**WHAT YOU SHOULD DO**
All pictures are to be skipped; retype only the lines from the top of the entries through the line with "Rectangle(SKETCH3_W, SKETCH3_H)", both included.

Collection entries
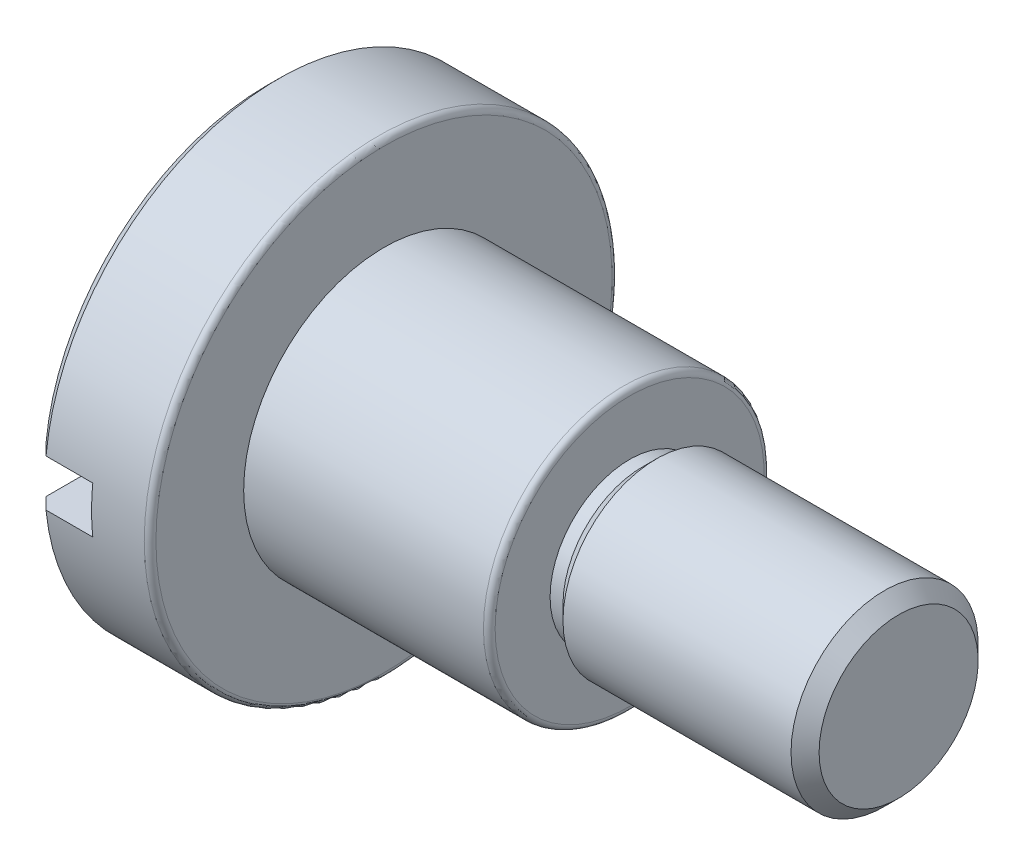
from build123d import *

# Parameters (mm, degrees)
CHAMFER1_SIZE           = 0.5
CUT_EXTRUDE1_DEPTH      = 31.479501308
CUT_EXTRUDE1_DEPTH_BACK = 31.479501308
SKETCH3_W               = 2.5
SKETCH3_H               = 2
FILLET1_R               = 0.25


with BuildPart() as part:
    # Sketch2 → Revolve1 (revolve)
    with BuildSketch(Plane.XY, mode=Mode.PRIVATE) as revolve1_sk:
        Polygon((0, 0), (0, 10), (5, 10), (5, 6), (15.5, 6), (15.5, 4), (15.5, 3.4), (16.05, 3.4), (16.65, 4), (26.4, 4), (27, 3.4), (27, 0), align=None)
    revolve(revolve1_sk.sketch.rotate(Axis((0, 0, 0), (1, 0, 0)), 90), axis=Axis((0, 0, 0), (1, 0, 0)))

    # Chamfer1
    chamfer1_edges = [part.edges().sort_by_distance(p)[0] for p in [
        (0, 0, -10),
    ]]
    chamfer(chamfer1_edges, length=CHAMFER1_SIZE)

    # Sketch3 → Cut-Extrude1 (cut, two sides: drawn at the far end of the back side and taken through both)
    with BuildSketch(Plane.XY.offset(-CUT_EXTRUDE1_DEPTH_BACK)):
        with Locations((1.25, 0)):
            Rectangle(SKETCH3_W, SKETCH3_H)
    extrude(amount=CUT_EXTRUDE1_DEPTH + CUT_EXTRUDE1_DEPTH_BACK, mode=Mode.SUBTRACT)

    # Fillet1
    fillet1_edges = [part.edges().sort_by_distance(p)[0] for p in [
        (15.5, 0, -6),
        (5, 0, -10),
    ]]
    fillet(fillet1_edges, radius=FILLET1_R)


solid = part.part

**SOLUTION FOR THIS EXERCISE**
from build123d import *

# Parameters (mm, degrees)
CHAMFER1_SIZE           = 0.5
CUT_EXTRUDE1_DEPTH      = 31.479501308
CUT_EXTRUDE1_DEPTH_BACK = 31.479501308
SKETCH3_W               = 2.5
SKETCH3_H               = 2
FILLET1_R               = 0.25


with BuildPart() as part:
    # Sketch2 → Revolve1 (revolve)
    with BuildSketch(Plane.XY, mode=Mode.PRIVATE) as revolve1_sk:
        Polygon((0, 0), (0, 10), (5, 10), (5, 6), (15.5, 6), (15.5, 4), (15.5, 3.4), (16.05, 3.4), (16.65, 4), (26.4, 4), (27, 3.4), (27, 0), align=None)
    revolve(revolve1_sk.sketch.rotate(Axis((0, 0, 0), (1, 0, 0)), 90), axis=Axis((0, 0, 0), (1, 0, 0)))

    # Chamfer1
    chamfer1_edges = [part.edges().sort_by_distance(p)[0] for p in [
        (0, 0, -10),
    ]]
    chamfer(chamfer1_edges, length=CHAMFER1_SIZE)

    # Sketch3 → Cut-Extrude1 (cut, two sides: drawn at the far end of the back side and taken through both)
    with BuildSketch(Plane.XY.offset(-CUT_EXTRUDE1_DEPTH_BACK)):
        with Locations((1.25, 0)):
            Rectangle(SKETCH3_W, SKETCH3_H)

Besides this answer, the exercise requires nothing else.